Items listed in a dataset
-- Opening Marker --
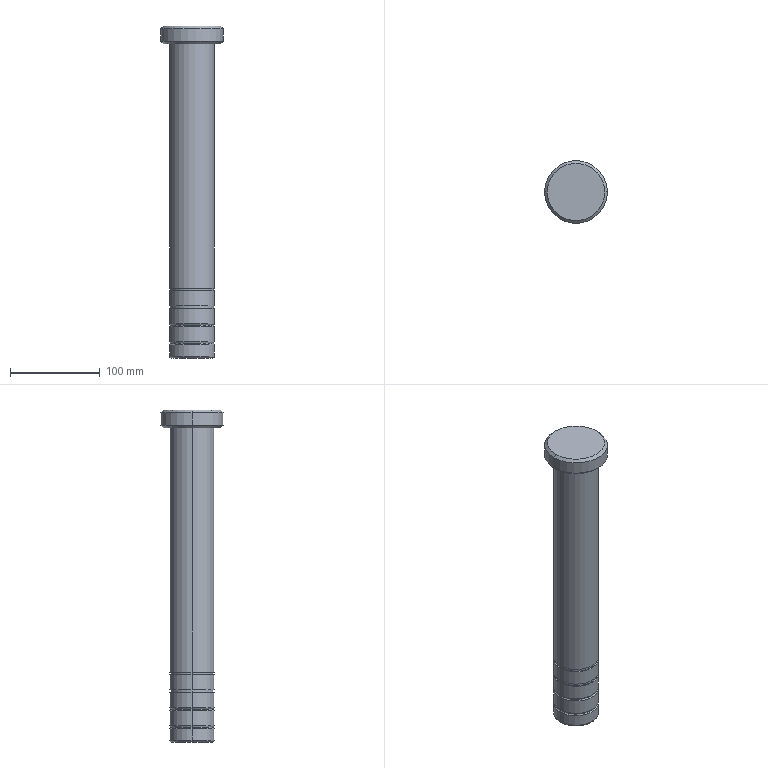Component | SolidWorks | GuidePost-1 | 1 solid | 41 faces | box 70 x 70 x 370 mm | volume 760524 mm3 | cylinder 20 | torus 10 | plane 7 | cone 4 | commonest cylinder face diameters 50 x10 48 x8 70 x2
STEP:
#1=CARTESIAN_POINT('',(-8.937,-7.677,4.921));
#2=VERTEX_POINT('',#1);
#3=CARTESIAN_POINT('',(-6.417,-7.677,4.921));
#4=VERTEX_POINT('',#3);
#5=CARTESIAN_POINT('',(-7.677,-7.677,4.921));
#6=DIRECTION('',(0.,0.,-1.));
#7=DIRECTION('',(1.,0.,0.));
#8=AXIS2_PLACEMENT_3D('',#5,#6,#7);
#9=CIRCLE('',#8,1.26);
#10=EDGE_CURVE('',#2,#4,#9,.T.);
#11=ORIENTED_EDGE('',*,*,#10,.F.);
#12=CARTESIAN_POINT('',(-9.055,-7.677,5.039));
#13=VERTEX_POINT('',#12);
#14=CARTESIAN_POINT('',(-9.055,-7.677,5.039));
#15=DIRECTION('',(-0.7071,0.,0.7071));
#16=VECTOR('',#15,39.37);
#17=LINE('',#14,#16);
#18=EDGE_CURVE('',#2,#13,#17,.T.);
#19=ORIENTED_EDGE('',*,*,#18,.T.);
#20=CARTESIAN_POINT('',(-6.299,-7.677,5.039));
#21=VERTEX_POINT('',#20);
#22=CARTESIAN_POINT('',(-7.677,-7.677,5.039));
#23=DIRECTION('',(0.,0.,1.));
#24=DIRECTION('',(1.,0.,0.));
#25=AXIS2_PLACEMENT_3D('',#22,#23,#24);
#26=CIRCLE('',#25,1.378);
#27=EDGE_CURVE('',#21,#13,#26,.T.);
#28=ORIENTED_EDGE('',*,*,#27,.F.);
#29=CARTESIAN_POINT('',(-6.299,-7.677,5.039));
#30=DIRECTION('',(0.7071,0.,0.7071));
#31=VECTOR('',#30,39.37);
#32=LINE('',#29,#31);
#33=EDGE_CURVE('',#4,#21,#32,.T.);
#34=ORIENTED_EDGE('',*,*,#33,.F.);
#35=EDGE_LOOP('',(#11,#19,#28,#34));
#36=FACE_OUTER_BOUND('',#35,.T.);
#37=CARTESIAN_POINT('',(-7.677,-7.677,5.039));
#38=DIRECTION('',(0.,0.,1.));
#39=DIRECTION('',(1.,0.,0.));
#40=AXIS2_PLACEMENT_3D('',#37,#38,#39);
#41=CONICAL_SURFACE('',#40,1.378,0.7854);
#42=ADVANCED_FACE('',(#36),#41,.T.);
#43=CARTESIAN_POINT('',(-6.417,-7.677,5.709));
#44=VERTEX_POINT('',#43);
#45=CARTESIAN_POINT('',(-8.937,-7.677,5.709));
#46=VERTEX_POINT('',#45);
#47=CARTESIAN_POINT('',(-7.677,-7.677,5.709));
#48=DIRECTION('',(0.,0.,1.));
#49=DIRECTION('',(1.,0.,0.));
#50=AXIS2_PLACEMENT_3D('',#47,#48,#49);
#51=CIRCLE('',#50,1.26);
#52=EDGE_CURVE('',#44,#46,#51,.T.);
#53=ORIENTED_EDGE('',*,*,#52,.F.);
#54=CARTESIAN_POINT('',(-6.299,-7.677,5.591));
#55=VERTEX_POINT('',#54);
#56=CARTESIAN_POINT('',(-6.417,-7.677,5.709));
#57=DIRECTION('',(0.7071,0.,-0.7071));
#58=VECTOR('',#57,39.37);
#59=LINE('',#56,#58);
#60=EDGE_CURVE('',#44,#55,#59,.T.);
#61=ORIENTED_EDGE('',*,*,#60,.T.);
#62=CARTESIAN_POINT('',(-9.055,-7.677,5.591));
#63=VERTEX_POINT('',#62);
#64=CARTESIAN_POINT('',(-7.677,-7.677,5.591));
#65=DIRECTION('',(0.,0.,-1.));
#66=DIRECTION('',(1.,0.,0.));
#67=AXIS2_PLACEMENT_3D('',#64,#65,#66);
#68=CIRCLE('',#67,1.378);
#69=EDGE_CURVE('',#63,#55,#68,.T.);
#70=ORIENTED_EDGE('',*,*,#69,.F.);
#71=CARTESIAN_POINT('',(-8.937,-7.677,5.709));
#72=DIRECTION('',(-0.7071,0.,-0.7071));
#73=VECTOR('',#72,39.37);
#74=LINE('',#71,#73);
#75=EDGE_CURVE('',#46,#63,#74,.T.);
#76=ORIENTED_EDGE('',*,*,#75,.F.);
#77=EDGE_LOOP('',(#53,#61,#70,#76));
#78=FACE_OUTER_BOUND('',#77,.T.);
#79=CARTESIAN_POINT('',(-7.677,-7.677,5.709));
#80=DIRECTION('',(0.,0.,-1.));
#81=DIRECTION('',(-1.,0.,0.));
#82=AXIS2_PLACEMENT_3D('',#79,#80,#81);
#83=CONICAL_SURFACE('',#82,1.26,0.7854);
#84=ADVANCED_FACE('',(#78),#83,.T.);
#85=CARTESIAN_POINT('',(-6.693,-7.677,-8.268));
#86=VERTEX_POINT('',#85);
#87=CARTESIAN_POINT('',(-8.661,-7.677,-8.268));
#88=VERTEX_POINT('',#87);
#89=CARTESIAN_POINT('',(-7.677,-7.677,-8.268));
#90=DIRECTION('',(0.,0.,-1.));
#91=DIRECTION('',(-1.,0.,0.));
#92=AXIS2_PLACEMENT_3D('',#89,#90,#91);
#93=CIRCLE('',#92,0.9843);
#94=EDGE_CURVE('',#86,#88,#93,.T.);
#95=ORIENTED_EDGE('',*,*,#94,.F.);
#96=CARTESIAN_POINT('',(-6.732,-7.677,-8.212));
#97=VERTEX_POINT('',#96);
#98=CARTESIAN_POINT('',(-6.673,-7.677,-8.212));
#99=DIRECTION('',(-0.,1.,0.));
#100=DIRECTION('',(-1.,0.,0.));
#101=AXIS2_PLACEMENT_3D('',#98,#99,#100);
#102=CIRCLE('',#101,0.05906);
#103=EDGE_CURVE('',#86,#97,#102,.T.);
#104=ORIENTED_EDGE('',*,*,#103,.T.);
#105=CARTESIAN_POINT('',(-8.622,-7.677,-8.212));
#106=VERTEX_POINT('',#105);
#107=CARTESIAN_POINT('',(-7.677,-7.677,-8.212));
#108=DIRECTION('',(0.,0.,1.));
#109=DIRECTION('',(-1.,0.,0.));
#110=AXIS2_PLACEMENT_3D('',#107,#108,#109);
#111=CIRCLE('',#110,0.9449);
#112=EDGE_CURVE('',#106,#97,#111,.T.);
#113=ORIENTED_EDGE('',*,*,#112,.F.);
#114=CARTESIAN_POINT('',(-8.681,-7.677,-8.212));
#115=DIRECTION('',(0.,-1.,0.));
#116=DIRECTION('',(0.,0.,-1.));
#117=AXIS2_PLACEMENT_3D('',#114,#115,#116);
#118=CIRCLE('',#117,0.05906);
#119=EDGE_CURVE('',#88,#106,#118,.T.);
#120=ORIENTED_EDGE('',*,*,#119,.F.);
#121=EDGE_LOOP('',(#95,#104,#113,#120));
#122=FACE_OUTER_BOUND('',#121,.T.);
#123=CARTESIAN_POINT('',(-7.677,-7.677,-8.212));
#124=DIRECTION('',(0.,0.,-1.));
#125=DIRECTION('',(-1.,0.,0.));
#126=AXIS2_PLACEMENT_3D('',#123,#124,#125);
#127=TOROIDAL_SURFACE('',#126,1.004,0.05906);
#128=ADVANCED_FACE('',(#122),#127,.F.);
#129=CARTESIAN_POINT('',(-6.693,-7.677,-8.15));
#130=VERTEX_POINT('',#129);
#131=CARTESIAN_POINT('',(-8.661,-7.677,-8.15));
#132=VERTEX_POINT('',#131);
#133=CARTESIAN_POINT('',(-7.677,-7.677,-8.15));
#134=DIRECTION('',(0.,0.,-1.));
#135=DIRECTION('',(-1.,0.,0.));
#136=AXIS2_PLACEMENT_3D('',#133,#134,#135);
#137=CIRCLE('',#136,0.9843);
#138=EDGE_CURVE('',#130,#132,#137,.T.);
#139=ORIENTED_EDGE('',*,*,#138,.T.);
#140=CARTESIAN_POINT('',(-8.622,-7.677,-8.205));
#141=VERTEX_POINT('',#140);
#142=CARTESIAN_POINT('',(-8.681,-7.677,-8.205));
#143=DIRECTION('',(0.,1.,0.));
#144=DIRECTION('',(-1.,0.,0.));
#145=AXIS2_PLACEMENT_3D('',#142,#143,#144);
#146=CIRCLE('',#145,0.05906);
#147=EDGE_CURVE('',#132,#141,#146,.T.);
#148=ORIENTED_EDGE('',*,*,#147,.T.);
#149=CARTESIAN_POINT('',(-6.732,-7.677,-8.205));
#150=VERTEX_POINT('',#149);
#151=CARTESIAN_POINT('',(-7.677,-7.677,-8.205));
#152=DIRECTION('',(0.,0.,-1.));
#153=DIRECTION('',(1.,0.,0.));
#154=AXIS2_PLACEMENT_3D('',#151,#152,#153);
#155=CIRCLE('',#154,0.9449);
#156=EDGE_CURVE('',#150,#141,#155,.T.);
#157=ORIENTED_EDGE('',*,*,#156,.F.);
#158=CARTESIAN_POINT('',(-6.673,-7.677,-8.205));
#159=DIRECTION('',(0.,-1.,0.));
#160=DIRECTION('',(0.,0.,-1.));
#161=AXIS2_PLACEMENT_3D('',#158,#159,#160);
#162=CIRCLE('',#161,0.05906);
#163=EDGE_CURVE('',#130,#150,#162,.T.);
#164=ORIENTED_EDGE('',*,*,#163,.F.);
#165=EDGE_LOOP('',(#139,#148,#157,#164));
#166=FACE_OUTER_BOUND('',#165,.T.);
#167=CARTESIAN_POINT('',(-7.677,-7.677,-8.205));
#168=DIRECTION('',(0.,0.,1.));
#169=DIRECTION('',(1.,0.,0.));
#170=AXIS2_PLACEMENT_3D('',#167,#168,#169);
#171=TOROIDAL_SURFACE('',#170,1.004,0.05906);
#172=ADVANCED_FACE('',(#166),#171,.F.);
#173=CARTESIAN_POINT('',(-6.693,-7.677,-7.362));
#174=VERTEX_POINT('',#173);
#175=CARTESIAN_POINT('',(-8.661,-7.677,-7.362));
#176=VERTEX_POINT('',#175);
#177=CARTESIAN_POINT('',(-7.677,-7.677,-7.362));
#178=DIRECTION('',(0.,0.,-1.));
#179=DIRECTION('',(-1.,0.,0.));
#180=AXIS2_PLACEMENT_3D('',#177,#178,#179);
#181=CIRCLE('',#180,0.9843);
#182=EDGE_CURVE('',#174,#176,#181,.T.);
#183=ORIENTED_EDGE('',*,*,#182,.T.);
#184=CARTESIAN_POINT('',(-8.622,-7.677,-7.418));
#185=VERTEX_POINT('',#184);
#186=CARTESIAN_POINT('',(-8.681,-7.677,-7.418));
#187=DIRECTION('',(0.,1.,0.));
#188=DIRECTION('',(-1.,0.,0.));
#189=AXIS2_PLACEMENT_3D('',#186,#187,#188);
#190=CIRCLE('',#189,0.05906);
#191=EDGE_CURVE('',#176,#185,#190,.T.);
#192=ORIENTED_EDGE('',*,*,#191,.T.);
#193=CARTESIAN_POINT('',(-6.732,-7.677,-7.418));
#194=VERTEX_POINT('',#193);
#195=CARTESIAN_POINT('',(-7.677,-7.677,-7.418));
#196=DIRECTION('',(0.,0.,-1.));
#197=DIRECTION('',(1.,0.,0.));
#198=AXIS2_PLACEMENT_3D('',#195,#196,#197);
#199=CIRCLE('',#198,0.9449);
#200=EDGE_CURVE('',#194,#185,#199,.T.);
#201=ORIENTED_EDGE('',*,*,#200,.F.);
#202=CARTESIAN_POINT('',(-6.673,-7.677,-7.418));
#203=DIRECTION('',(0.,-1.,0.));
#204=DIRECTION('',(0.,0.,-1.));
#205=AXIS2_PLACEMENT_3D('',#202,#203,#204);
#206=CIRCLE('',#205,0.05906);
#207=EDGE_CURVE('',#174,#194,#206,.T.);
#208=ORIENTED_EDGE('',*,*,#207,.F.);
#209=EDGE_LOOP('',(#183,#192,#201,#208));
#210=FACE_OUTER_BOUND('',#209,.T.);
#211=CARTESIAN_POINT('',(-7.677,-7.677,-7.418));
#212=DIRECTION('',(0.,0.,1.));
#213=DIRECTION('',(1.,0.,0.));
#214=AXIS2_PLACEMENT_3D('',#211,#212,#213);
#215=TOROIDAL_SURFACE('',#214,1.004,0.05906);
#216=ADVANCED_FACE('',(#210),#215,.F.);
#217=CARTESIAN_POINT('',(-6.693,-7.677,-7.48));
#218=VERTEX_POINT('',#217);
#219=CARTESIAN_POINT('',(-8.661,-7.677,-7.48));
#220=VERTEX_POINT('',#219);
#221=CARTESIAN_POINT('',(-7.677,-7.677,-7.48));
#222=DIRECTION('',(0.,0.,-1.));
#223=DIRECTION('',(-1.,0.,0.));
#224=AXIS2_PLACEMENT_3D('',#221,#222,#223);
#225=CIRCLE('',#224,0.9843);
#226=EDGE_CURVE('',#218,#220,#225,.T.);
#227=ORIENTED_EDGE('',*,*,#226,.F.);
#228=CARTESIAN_POINT('',(-6.732,-7.677,-7.425));
#229=VERTEX_POINT('',#228);
#230=CARTESIAN_POINT('',(-6.673,-7.677,-7.425));
#231=DIRECTION('',(-0.,1.,0.));
#232=DIRECTION('',(-1.,0.,0.));
#233=AXIS2_PLACEMENT_3D('',#230,#231,#232);
#234=CIRCLE('',#233,0.05906);
#235=EDGE_CURVE('',#218,#229,#234,.T.);
#236=ORIENTED_EDGE('',*,*,#235,.T.);
#237=CARTESIAN_POINT('',(-8.622,-7.677,-7.425));
#238=VERTEX_POINT('',#237);
#239=CARTESIAN_POINT('',(-7.677,-7.677,-7.425));
#240=DIRECTION('',(0.,0.,1.));
#241=DIRECTION('',(-1.,0.,0.));
#242=AXIS2_PLACEMENT_3D('',#239,#240,#241);
#243=CIRCLE('',#242,0.9449);
#244=EDGE_CURVE('',#238,#229,#243,.T.);
#245=ORIENTED_EDGE('',*,*,#244,.F.);
#246=CARTESIAN_POINT('',(-8.681,-7.677,-7.425));
#247=DIRECTION('',(0.,-1.,0.));
#248=DIRECTION('',(0.,0.,-1.));
#249=AXIS2_PLACEMENT_3D('',#246,#247,#248);
#250=CIRCLE('',#249,0.05906);
#251=EDGE_CURVE('',#220,#238,#250,.T.);
#252=ORIENTED_EDGE('',*,*,#251,.F.);
#253=EDGE_LOOP('',(#227,#236,#245,#252));
#254=FACE_OUTER_BOUND('',#253,.T.);
#255=CARTESIAN_POINT('',(-7.677,-7.677,-7.425));
#256=DIRECTION('',(0.,0.,-1.));
#257=DIRECTION('',(-1.,0.,0.));
#258=AXIS2_PLACEMENT_3D('',#255,#256,#257);
#259=TOROIDAL_SURFACE('',#258,1.004,0.05906);
#260=ADVANCED_FACE('',(#254),#259,.F.);
#261=CARTESIAN_POINT('',(-8.583,-7.677,-8.858));
#262=VERTEX_POINT('',#261);
#263=CARTESIAN_POINT('',(-6.772,-7.677,-8.858));
#264=VERTEX_POINT('',#263);
#265=CARTESIAN_POINT('',(-7.677,-7.677,-8.858));
#266=DIRECTION('',(0.,0.,-1.));
#267=DIRECTION('',(1.,0.,0.));
#268=AXIS2_PLACEMENT_3D('',#265,#266,#267);
#269=CIRCLE('',#268,0.9055);
#270=EDGE_CURVE('',#262,#264,#269,.T.);
#271=ORIENTED_EDGE('',*,*,#270,.F.);
#272=CARTESIAN_POINT('',(-8.661,-7.677,-8.78));
#273=VERTEX_POINT('',#272);
#274=CARTESIAN_POINT('',(-8.583,-7.677,-8.78));
#275=DIRECTION('',(0.,1.,0.));
#276=DIRECTION('',(-1.,0.,0.));
#277=AXIS2_PLACEMENT_3D('',#274,#275,#276);
#278=CIRCLE('',#277,0.07874);
#279=EDGE_CURVE('',#262,#273,#278,.T.);
#280=ORIENTED_EDGE('',*,*,#279,.T.);
#281=CARTESIAN_POINT('',(-6.693,-7.677,-8.78));
#282=VERTEX_POINT('',#281);
#283=CARTESIAN_POINT('',(-7.677,-7.677,-8.78));
#284=DIRECTION('',(0.,0.,1.));
#285=DIRECTION('',(1.,0.,0.));
#286=AXIS2_PLACEMENT_3D('',#283,#284,#285);
#287=CIRCLE('',#286,0.9843);
#288=EDGE_CURVE('',#282,#273,#287,.T.);
#289=ORIENTED_EDGE('',*,*,#288,.F.);
#290=CARTESIAN_POINT('',(-6.772,-7.677,-8.78));
#291=DIRECTION('',(0.,-1.,0.));
#292=DIRECTION('',(0.,0.,-1.));
#293=AXIS2_PLACEMENT_3D('',#290,#291,#292);
#294=CIRCLE('',#293,0.07874);
#295=EDGE_CURVE('',#264,#282,#294,.T.);
#296=ORIENTED_EDGE('',*,*,#295,.F.);
#297=EDGE_LOOP('',(#271,#280,#289,#296));
#298=FACE_OUTER_BOUND('',#297,.T.);
#299=CARTESIAN_POINT('',(-7.677,-7.677,-8.78));
#300=DIRECTION('',(0.,0.,1.));
#301=DIRECTION('',(1.,0.,0.));
#302=AXIS2_PLACEMENT_3D('',#299,#300,#301);
#303=TOROIDAL_SURFACE('',#302,0.9055,0.07874);
#304=ADVANCED_FACE('',(#298),#303,.T.);
#305=CARTESIAN_POINT('',(-6.693,-7.677,4.921));
#306=VERTEX_POINT('',#305);
#307=CARTESIAN_POINT('',(-8.661,-7.677,4.921));
#308=VERTEX_POINT('',#307);
#309=CARTESIAN_POINT('',(-7.677,-7.677,4.921));
#310=DIRECTION('',(0.,0.,1.));
#311=DIRECTION('',(1.,0.,0.));
#312=AXIS2_PLACEMENT_3D('',#309,#310,#311);
#313=CIRCLE('',#312,0.9843);
#314=EDGE_CURVE('',#306,#308,#313,.T.);
#315=ORIENTED_EDGE('',*,*,#314,.F.);
#316=CARTESIAN_POINT('',(-6.693,-7.677,-5.787));
#317=VERTEX_POINT('',#316);
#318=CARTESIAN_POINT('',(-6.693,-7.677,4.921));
-- Closing Marker --
*Task details*
Above are the records; repeat exactly the lines from the one holding "#137=CIRCLE('',#136,0.9843);" down to the one holding "#145=AXIS2_PLACEMENT_3D('',#142,#143,#144);", end lines included.

*Exercise solution*
#137=CIRCLE('',#136,0.9843);
#138=EDGE_CURVE('',#130,#132,#137,.T.);
#139=ORIENTED_EDGE('',*,*,#138,.T.);
#140=CARTESIAN_POINT('',(-8.622,-7.677,-8.205));
#141=VERTEX_POINT('',#140);
#142=CARTESIAN_POINT('',(-8.681,-7.677,-8.205));
#143=DIRECTION('',(0.,1.,0.));
#144=DIRECTION('',(-1.,0.,0.));
#145=AXIS2_PLACEMENT_3D('',#142,#143,#144);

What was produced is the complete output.